### What the task asks
Search each line below for "CompositionType", then return the lines where it appears.
-- Input records follows --
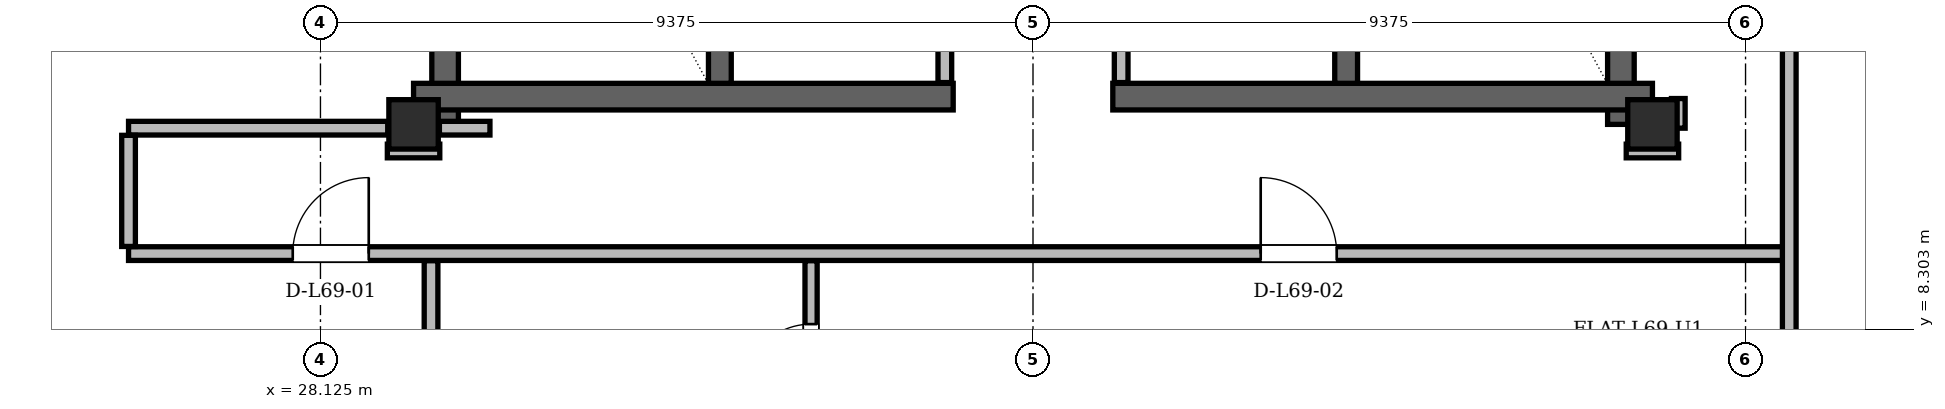
"""IFC4 building model, lengths in metres.
Left out: names, types, materials, properties, quantities, classifications, styles, units other than length and angle.
Written with IfcOpenShell. Run it as: python <this file> out.ifc"""

import sys

from ifc_helpers import new_model, si_unit, direction, frame, frame_2d, origin, origin_2d, place, context, subcontext, project, spatial, rectangle, hollow_rectangle, extrude, element, fill, save


model = new_model("IFC4")
c1 = context("Model", 3, precision=1e-05, world=origin(), true_north=direction((0.0, 1.0)))
c2 = subcontext(c1, "Body", "Model", "MODEL_VIEW")
j1 = project(units=[si_unit("LENGTHUNIT", "METRE"), si_unit("PLANEANGLEUNIT", "RADIAN")], contexts=[c1])
p1 = place(None, origin())
s1 = spatial("IfcSite", under=j1, at=p1, CompositionType="ELEMENT")
p2 = place(p1, origin())
s2 = spatial("IfcBuilding", under=s1, at=p2, CompositionType="ELEMENT")
p3 = place(p2, frame((0.0, 0.0, 261.6)))
s3 = spatial("IfcBuildingStorey", under=s2, at=p3, CompositionType="ELEMENT", Elevation=261.6)
for number, where, z_axis, x_axis in (
    (1, (29.35, 11.0, 0.0), (0.0, 0.0, 1.0), (1.0, 0.0, 0.0)),
    (2, (45.65, 11.0, 0.0), (0.0, 0.0, 1.0), (1.0, 0.0, 0.0)),
):
    element("IfcColumn", number, at=place(p3, frame(where, z_axis=z_axis, x_axis=x_axis)), inside=s3, PredefinedType="COLUMN", context=c2, shape_type="SweptSolid", body=[
        extrude(hollow_rectangle(XDim=0.65, YDim=0.65, WallThickness=0.05, at=origin_2d()), origin(), (0.0, 0.0, 1.0), 3.9),
    ])
for number, where, z_axis, x_axis in (
    (3, (29.765, 11.0, 0.0), (0.0, 0.0, 1.0), (0.0, 1.0, 0.0)),
    (4, (45.235, 11.0, 0.0), (0.0, 0.0, 1.0), (0.0, 1.0, 0.0)),
):
    element("IfcWall", number, at=place(p3, frame(where, z_axis=z_axis, x_axis=x_axis)), inside=s3, PredefinedType="SHEAR", context=c2, shape_type="SweptSolid", body=[
        extrude(rectangle(XDim=13.3, YDim=0.35, at=frame_2d((6.65, 0.0))), origin(), (0.0, 0.0, 1.0), 3.68),
    ])
for number, where, z_axis, x_axis in (
    (5, (29.35, 11.365, 0.0), (0.0, 0.0, 1.0), (1.0, 0.0, 0.0)),
    (6, (38.55, 11.365, 0.0), (0.0, 0.0, 1.0), (1.0, 0.0, 0.0)),
):
    element("IfcWall", number, at=place(p3, frame(where, z_axis=z_axis, x_axis=x_axis)), inside=s3, PredefinedType="SHEAR", context=c2, shape_type="SweptSolid", body=[
        extrude(rectangle(XDim=7.1, YDim=0.35, at=frame_2d((3.55, 0.0))), origin(), (0.0, 0.0, 1.0), 3.68),
    ])
for number, where, z_axis, x_axis in (
    (7, (33.38, 11.54, 0.0), (0.0, 0.0, 1.0), (0.0, 1.0, 0.0)),
    (8, (41.62, 11.54, 0.0), (0.0, 0.0, 1.0), (0.0, 1.0, 0.0)),
):
    element("IfcWall", number, at=place(p3, frame(where, z_axis=z_axis, x_axis=x_axis)), inside=s3, PredefinedType="SHEAR", context=c2, shape_type="SweptSolid", body=[
        extrude(rectangle(XDim=7.62, YDim=0.3, at=frame_2d((3.81, 0.0))), origin(), (0.0, 0.0, 1.0), 3.68),
    ])
p4 = place(p3, frame((58.652, 10.835, 0.0), z_axis=(0.0, 0.0, 1.0), x_axis=(-0.500002906693, 0.866023725598, 0.0)))
e9 = element("IfcWall", 9, at=p4, inside=s3, PredefinedType="SOLIDWALL", context=c2, shape_type="SweptSolid", body=[
    extrude(rectangle(XDim=37.2, YDim=0.29, at=frame_2d((18.6, 0.0))), origin(), (0.0, 0.0, 1.0), 3.058),
])
p5 = place(p4, frame((6.774, 0.0, 0.0)))
e10 = element("IfcOpeningElement", 10, at=p5, cuts=e9, PredefinedType="OPENING", context=c2, shape_type="SweptSolid", body=[
    extrude(rectangle(XDim=1.5, YDim=2.2, at=frame_2d((0.75, 1.1))), frame((0.0, 0.145, 0.0), z_axis=(0.0, -1.0, 0.0), x_axis=(1.0, 0.0, 0.0)), (0.0, 0.0, 1.0), 0.29),
])
p6 = place(p4, frame((32.061, 0.0, 0.0)))
e11 = element("IfcOpeningElement", 11, at=p6, cuts=e9, PredefinedType="OPENING", context=c2, shape_type="SweptSolid", body=[
    extrude(rectangle(XDim=1.5, YDim=2.2, at=frame_2d((0.75, 1.1))), frame((0.0, 0.145, 0.0), z_axis=(0.0, -1.0, 0.0), x_axis=(1.0, 0.0, 0.0)), (0.0, 0.0, 1.0), 0.29),
])
p7 = place(p4, frame((12.689, 0.0, 0.85)))
e12 = element("IfcOpeningElement", 12, at=p7, cuts=e9, PredefinedType="OPENING", context=c2, shape_type="SweptSolid", body=[
    extrude(rectangle(XDim=1.6, YDim=1.7, at=frame_2d((0.8, 0.85))), frame((0.0, 0.145, 0.0), z_axis=(0.0, -1.0, 0.0), x_axis=(1.0, 0.0, 0.0)), (0.0, 0.0, 1.0), 0.29),
])
p8 = place(p4, frame((16.599, 0.0, 0.85)))
e13 = element("IfcOpeningElement", 13, at=p8, cuts=e9, PredefinedType="OPENING", context=c2, shape_type="SweptSolid", body=[
    extrude(rectangle(XDim=3.0, YDim=2.098, at=frame_2d((1.5, 1.049))), frame((0.0, 0.145, 0.0), z_axis=(0.0, -1.0, 0.0), x_axis=(1.0, 0.0, 0.0)), (0.0, 0.0, 1.0), 0.29),
])
p9 = place(p4, frame((1.24, 0.0, 0.85)))
e14 = element("IfcOpeningElement", 14, at=p9, cuts=e9, PredefinedType="OPENING", context=c2, shape_type="SweptSolid", body=[
    extrude(rectangle(XDim=1.2, YDim=1.48, at=frame_2d((0.6, 0.74))), frame((0.0, 0.145, 0.0), z_axis=(0.0, -1.0, 0.0), x_axis=(1.0, 0.0, 0.0)), (0.0, 0.0, 1.0), 0.29),
])
p10 = place(p4, frame((3.566, 0.0, 0.85)))
e15 = element("IfcOpeningElement", 15, at=p10, cuts=e9, PredefinedType="OPENING", context=c2, shape_type="SweptSolid", body=[
    extrude(rectangle(XDim=1.2, YDim=1.48, at=frame_2d((0.6, 0.74))), frame((0.0, 0.145, 0.0), z_axis=(0.0, -1.0, 0.0), x_axis=(1.0, 0.0, 0.0)), (0.0, 0.0, 1.0), 0.29),
])
p11 = place(p4, frame((22.917, 0.0, 0.85)))
e16 = element("IfcOpeningElement", 16, at=p11, cuts=e9, PredefinedType="OPENING", context=c2, shape_type="SweptSolid", body=[
    extrude(rectangle(XDim=1.6, YDim=1.7, at=frame_2d((0.8, 0.85))), frame((0.0, 0.145, 0.0), z_axis=(0.0, -1.0, 0.0), x_axis=(1.0, 0.0, 0.0)), (0.0, 0.0, 1.0), 0.29),
])
p12 = place(p4, frame((27.025, 0.0, 0.85)))
e17 = element("IfcOpeningElement", 17, at=p12, cuts=e9, PredefinedType="OPENING", context=c2, shape_type="SweptSolid", body=[
    extrude(rectangle(XDim=3.0, YDim=2.098, at=frame_2d((1.5, 1.049))), frame((0.0, 0.145, 0.0), z_axis=(0.0, -1.0, 0.0), x_axis=(1.0, 0.0, 0.0)), (0.0, 0.0, 1.0), 0.29),
])
p13 = place(p4, frame((34.508, 0.0, 0.85)))
e18 = element("IfcOpeningElement", 18, at=p13, cuts=e9, PredefinedType="OPENING", context=c2, shape_type="SweptSolid", body=[
    extrude(rectangle(XDim=1.2, YDim=1.48, at=frame_2d((0.6, 0.74))), frame((0.0, 0.145, 0.0), z_axis=(0.0, -1.0, 0.0), x_axis=(1.0, 0.0, 0.0)), (0.0, 0.0, 1.0), 0.29),
])
p14 = place(p3, frame((34.948, 43.051, 0.0), z_axis=(0.0, 0.0, 1.0), x_axis=(-0.500002906693, -0.866023725598, 0.0)))
e19 = element("IfcWall", 19, at=p14, inside=s3, PredefinedType="SOLIDWALL", context=c2, shape_type="SweptSolid", body=[
    extrude(rectangle(XDim=37.2, YDim=0.29, at=frame_2d((18.6, 0.0))), origin(), (0.0, 0.0, 1.0), 3.058),
])
p15 = place(p14, frame((8.034, 0.0, 0.0)))
e20 = element("IfcOpeningElement", 20, at=p15, cuts=e19, PredefinedType="OPENING", context=c2, shape_type="SweptSolid", body=[
    extrude(rectangle(XDim=1.5, YDim=2.2, at=frame_2d((0.75, 1.1))), frame((0.0, 0.145, 0.0), z_axis=(0.0, -1.0, 0.0), x_axis=(1.0, 0.0, 0.0)), (0.0, 0.0, 1.0), 0.29),
])
p16 = place(p14, frame((32.061, 0.0, 0.0)))
e21 = element("IfcOpeningElement", 21, at=p16, cuts=e19, PredefinedType="OPENING", context=c2, shape_type="SweptSolid", body=[
    extrude(rectangle(XDim=1.5, YDim=2.2, at=frame_2d((0.75, 1.1))), frame((0.0, 0.145, 0.0), z_axis=(0.0, -1.0, 0.0), x_axis=(1.0, 0.0, 0.0)), (0.0, 0.0, 1.0), 0.29),
])
p17 = place(p14, frame((35.104, 0.0, 0.85)))
e22 = element("IfcOpeningElement", 22, at=p17, cuts=e19, PredefinedType="OPENING", context=c2, shape_type="SweptSolid", body=[
    extrude(rectangle(XDim=1.2, YDim=1.48, at=frame_2d((0.6, 0.74))), frame((0.0, 0.145, 0.0), z_axis=(0.0, -1.0, 0.0), x_axis=(1.0, 0.0, 0.0)), (0.0, 0.0, 1.0), 0.29),
])
p18 = place(p14, frame((12.597, 0.0, 0.85)))
e23 = element("IfcOpeningElement", 23, at=p18, cuts=e19, PredefinedType="OPENING", context=c2, shape_type="SweptSolid", body=[
    extrude(rectangle(XDim=2.0, YDim=1.8, at=frame_2d((1.0, 0.9))), frame((0.0, 0.145, 0.0), z_axis=(0.0, -1.0, 0.0), x_axis=(1.0, 0.0, 0.0)), (0.0, 0.0, 1.0), 0.29),
])
p19 = place(p14, frame((20.995, 0.0, 0.85)))
e24 = element("IfcOpeningElement", 24, at=p19, cuts=e19, PredefinedType="OPENING", context=c2, shape_type="SweptSolid", body=[
    extrude(rectangle(XDim=1.4, YDim=1.6, at=frame_2d((0.7, 0.8))), frame((0.0, 0.145, 0.0), z_axis=(0.0, -1.0, 0.0), x_axis=(1.0, 0.0, 0.0)), (0.0, 0.0, 1.0), 0.29),
])
p20 = place(p14, frame((27.454, 0.0, 0.85)))
e25 = element("IfcOpeningElement", 25, at=p20, cuts=e19, PredefinedType="OPENING", context=c2, shape_type="SweptSolid", body=[
    extrude(rectangle(XDim=1.2, YDim=1.48, at=frame_2d((0.6, 0.74))), frame((0.0, 0.145, 0.0), z_axis=(0.0, -1.0, 0.0), x_axis=(1.0, 0.0, 0.0)), (0.0, 0.0, 1.0), 0.29),
])
p21 = place(p14, frame((2.415, 0.0, 0.85)))
e26 = element("IfcOpeningElement", 26, at=p21, cuts=e19, PredefinedType="OPENING", context=c2, shape_type="SweptSolid", body=[
    extrude(rectangle(XDim=2.6, YDim=1.95, at=frame_2d((1.3, 0.975))), frame((0.0, 0.145, 0.0), z_axis=(0.0, -1.0, 0.0), x_axis=(1.0, 0.0, 0.0)), (0.0, 0.0, 1.0), 0.29),
])
p22 = place(p3, frame((36.34, 11.55, 0.0), z_axis=(0.0, 0.0, 1.0), x_axis=(0.0, 1.0, 0.0)))
e27 = element("IfcWall", 27, at=p22, inside=s3, PredefinedType="PARTITIONING", context=c2, shape_type="SweptSolid", body=[
    extrude(rectangle(XDim=5.55, YDim=0.18, at=frame_2d((2.775, 0.0))), origin(), (0.0, 0.0, 1.0), 3.68),
])
p23 = place(p22, frame((2.85, 0.0, 0.0)))
e28 = element("IfcOpeningElement", 28, at=p23, cuts=e27, PredefinedType="OPENING", context=c2, shape_type="SweptSolid", body=[
    extrude(rectangle(XDim=0.95, YDim=2.1, at=frame_2d((0.475, 1.05))), frame((0.0, 0.09, 0.0), z_axis=(0.0, -1.0, 0.0), x_axis=(1.0, 0.0, 0.0)), (0.0, 0.0, 1.0), 0.18),
])
p24 = place(p3, frame((38.66, 11.55, 0.0), z_axis=(0.0, 0.0, 1.0), x_axis=(0.0, 1.0, 0.0)))
e29 = element("IfcWall", 29, at=p24, inside=s3, PredefinedType="PARTITIONING", context=c2, shape_type="SweptSolid", body=[
    extrude(rectangle(XDim=5.55, YDim=0.18, at=frame_2d((2.775, 0.0))), origin(), (0.0, 0.0, 1.0), 3.68),
])
p25 = place(p24, frame((2.0, 0.0, 0.0)))
e30 = element("IfcOpeningElement", 30, at=p25, cuts=e29, PredefinedType="OPENING", context=c2, shape_type="SweptSolid", body=[
    extrude(rectangle(XDim=0.95, YDim=2.1, at=frame_2d((0.475, 1.05))), frame((0.0, 0.09, 0.0), z_axis=(0.0, -1.0, 0.0), x_axis=(1.0, 0.0, 0.0)), (0.0, 0.0, 1.0), 0.18),
])
p26 = place(p3, frame((25.6, 9.3, 0.0), z_axis=(0.0, 0.0, 1.0), x_axis=(1.0, 0.0, 0.0)))
e31 = element("IfcWall", 31, at=p26, inside=s3, PredefinedType="PARTITIONING", context=c2, shape_type="SweptSolid", body=[
    extrude(rectangle(XDim=21.85, YDim=0.18, at=frame_2d((10.925, 0.0))), origin(), (0.0, 0.0, 1.0), 3.68),
])
p27 = place(p26, frame((2.16, 0.0, 0.0)))
e32 = element("IfcOpeningElement", 32, at=p27, cuts=e31, PredefinedType="OPENING", context=c2, shape_type="SweptSolid", body=[
    extrude(rectangle(XDim=1.0, YDim=2.18, at=frame_2d((0.5, 1.09))), frame((0.0, 0.09, 0.0), z_axis=(0.0, -1.0, 0.0), x_axis=(1.0, 0.0, 0.0)), (0.0, 0.0, 1.0), 0.18),
])
p28 = place(p26, frame((14.896, 0.0, 0.0)))
e33 = element("IfcOpeningElement", 33, at=p28, cuts=e31, PredefinedType="OPENING", context=c2, shape_type="SweptSolid", body=[
    extrude(rectangle(XDim=1.0, YDim=2.18, at=frame_2d((0.5, 1.09))), frame((0.0, 0.09, 0.0), z_axis=(0.0, -1.0, 0.0), x_axis=(1.0, 0.0, 0.0)), (0.0, 0.0, 1.0), 0.18),
])
for number, where, z_axis, x_axis in (
    (34, (29.005, 10.65, 0.0), (0.0, 0.0, 1.0), (1.0, 0.0, 0.0)),
    (35, (45.305, 10.65, 0.0), (0.0, 0.0, 1.0), (1.0, 0.0, 0.0)),
):
    element("IfcWall", number, at=place(p3, frame(where, z_axis=z_axis, x_axis=x_axis)), inside=s3, PredefinedType="PARTITIONING", context=c2, shape_type="SweptSolid", body=[
        extrude(rectangle(XDim=0.69, YDim=0.18, at=frame_2d((0.345, 0.0))), origin(), (0.0, 0.0, 1.0), 3.68),
    ])
p29 = place(p3, frame((25.6, 10.95, 0.0), z_axis=(0.0, 0.0, 1.0), x_axis=(1.0, 0.0, 0.0)))
e36 = element("IfcWall", 36, at=p29, inside=s3, PredefinedType="PARTITIONING", context=c2, shape_type="SweptSolid", body=[
    extrude(rectangle(XDim=3.41, YDim=0.18, at=frame_2d((1.705, 0.0))), origin(), (0.0, 0.0, 1.0), 3.266),
])
p30 = place(p3, frame((29.69, 10.95, 0.0), z_axis=(0.0, 0.0, 1.0), x_axis=(1.0, 0.0, 0.0)))
e37 = element("IfcWall", 37, at=p30, inside=s3, PredefinedType="PARTITIONING", context=c2, shape_type="SweptSolid", body=[
    extrude(rectangle(XDim=0.665, YDim=0.18, at=frame_2d((0.333, 0.0))), origin(), (0.0, 0.0, 1.0), 2.82),
])
p31 = place(p3, frame((25.6, 9.394, 0.0), z_axis=(0.0, 0.0, 1.0), x_axis=(0.0, 1.0, 0.0)))
e38 = element("IfcWall", 38, at=p31, inside=s3, PredefinedType="PARTITIONING", context=c2, shape_type="SweptSolid", body=[
    extrude(rectangle(XDim=1.462, YDim=0.18, at=frame_2d((0.731, 0.0))), origin(), (0.0, 0.0, 1.0), 3.68),
])
p32 = place(p3, frame((29.58, 6.563, 0.0), z_axis=(0.0, 0.0, 1.0), x_axis=(0.0, 1.0, 0.0)))
e39 = element("IfcWall", 39, at=p32, inside=s3, PredefinedType="PARTITIONING", context=c2, shape_type="SweptSolid", body=[
    extrude(rectangle(XDim=2.643, YDim=0.18, at=frame_2d((1.321, 0.0))), origin(), (0.0, 0.0, 1.0), 3.68),
])
p33 = place(p3, frame((34.58, 6.563, 0.0), z_axis=(0.0, 0.0, 1.0), x_axis=(0.0, 1.0, 0.0)))
e40 = element("IfcWall", 40, at=p33, inside=s3, PredefinedType="PARTITIONING", context=c2, shape_type="SweptSolid", body=[
    extrude(rectangle(XDim=2.643, YDim=0.16, at=frame_2d((1.321, 0.0))), origin(), (0.0, 0.0, 1.0), 3.68),
])
p34 = place(p33, frame((0.929, 0.0, 0.0)))
e41 = element("IfcOpeningElement", 41, at=p34, cuts=e40, PredefinedType="OPENING", context=c2, shape_type="SweptSolid", body=[
    extrude(rectangle(XDim=0.88, YDim=2.08, at=frame_2d((0.44, 1.04))), frame((0.0, 0.08, 0.0), z_axis=(0.0, -1.0, 0.0), x_axis=(1.0, 0.0, 0.0)), (0.0, 0.0, 1.0), 0.16),
])
p35 = place(p3, frame((45.99, 10.95, 0.0), z_axis=(0.0, 0.0, 1.0), x_axis=(0.0, 1.0, 0.0)))
e42 = element("IfcWall", 42, at=p35, inside=s3, PredefinedType="PARTITIONING", context=c2, shape_type="SweptSolid", body=[
    extrude(rectangle(XDim=0.39, YDim=0.18, at=frame_2d((0.195, 0.0))), origin(), (0.0, 0.0, 1.0), 3.68),
])
p36 = place(p3, frame((47.45, 6.563, 0.0), z_axis=(0.0, 0.0, 1.0), x_axis=(0.0, 1.0, 0.0)))
e43 = element("IfcWall", 43, at=p36, inside=s3, PredefinedType="PARTITIONING", context=c2, shape_type="SweptSolid", body=[
    extrude(rectangle(XDim=23.376, YDim=0.18, at=frame_2d((11.688, 0.0))), origin(), (0.0, 0.0, 1.0), 3.058),
])
p37 = place(p36, frame((10.497, 0.0, 0.0)))
e44 = element("IfcOpeningElement", 44, at=p37, cuts=e43, PredefinedType="OPENING", context=c2, shape_type="SweptSolid", body=[
    extrude(rectangle(XDim=1.0, YDim=2.18, at=frame_2d((0.5, 1.09))), frame((0.0, 0.09, 0.0), z_axis=(0.0, -1.0, 0.0), x_axis=(1.0, 0.0, 0.0)), (0.0, 0.0, 1.0), 0.18),
])
p38 = place(p27, origin())
e45 = element("IfcDoor", 45, at=p38, inside=s3, OperationType="SINGLE_SWING_RIGHT", PredefinedType="DOOR", context=c2, shape_type="SweptSolid", body=[
    extrude(rectangle(XDim=1.0, YDim=2.18, at=frame_2d((0.5, 1.09))), frame((0.0, 0.025, 0.0), z_axis=(0.0, -1.0, 0.0), x_axis=(1.0, 0.0, 0.0)), (0.0, 0.0, 1.0), 0.05),
])
fill(e32, e45)
p39 = place(p28, origin())
e46 = element("IfcDoor", 46, at=p39, inside=s3, OperationType="SINGLE_SWING_LEFT", PredefinedType="DOOR", context=c2, shape_type="SweptSolid", body=[
    extrude(rectangle(XDim=1.0, YDim=2.18, at=frame_2d((0.5, 1.09))), frame((0.0, 0.025, 0.0), z_axis=(0.0, -1.0, 0.0), x_axis=(1.0, 0.0, 0.0)), (0.0, 0.0, 1.0), 0.05),
])
fill(e33, e46)
p40 = place(p34, origin())
e47 = element("IfcDoor", 47, at=p40, inside=s3, OperationType="SINGLE_SWING_LEFT", PredefinedType="DOOR", context=c2, shape_type="SweptSolid", body=[
    extrude(rectangle(XDim=0.88, YDim=2.08, at=frame_2d((0.44, 1.04))), frame((0.0, 0.025, 0.0), z_axis=(0.0, -1.0, 0.0), x_axis=(1.0, 0.0, 0.0)), (0.0, 0.0, 1.0), 0.05),
])
fill(e41, e47)
save(model, sys.argv[1])
-- Input records concluded --
### Result of the exercise
s1 = spatial("IfcSite", under=j1, at=p1, CompositionType="ELEMENT")
s2 = spatial("IfcBuilding", under=s1, at=p2, CompositionType="ELEMENT")
s3 = spatial("IfcBuildingStorey", under=s2, at=p3, CompositionType="ELEMENT", Elevation=261.6)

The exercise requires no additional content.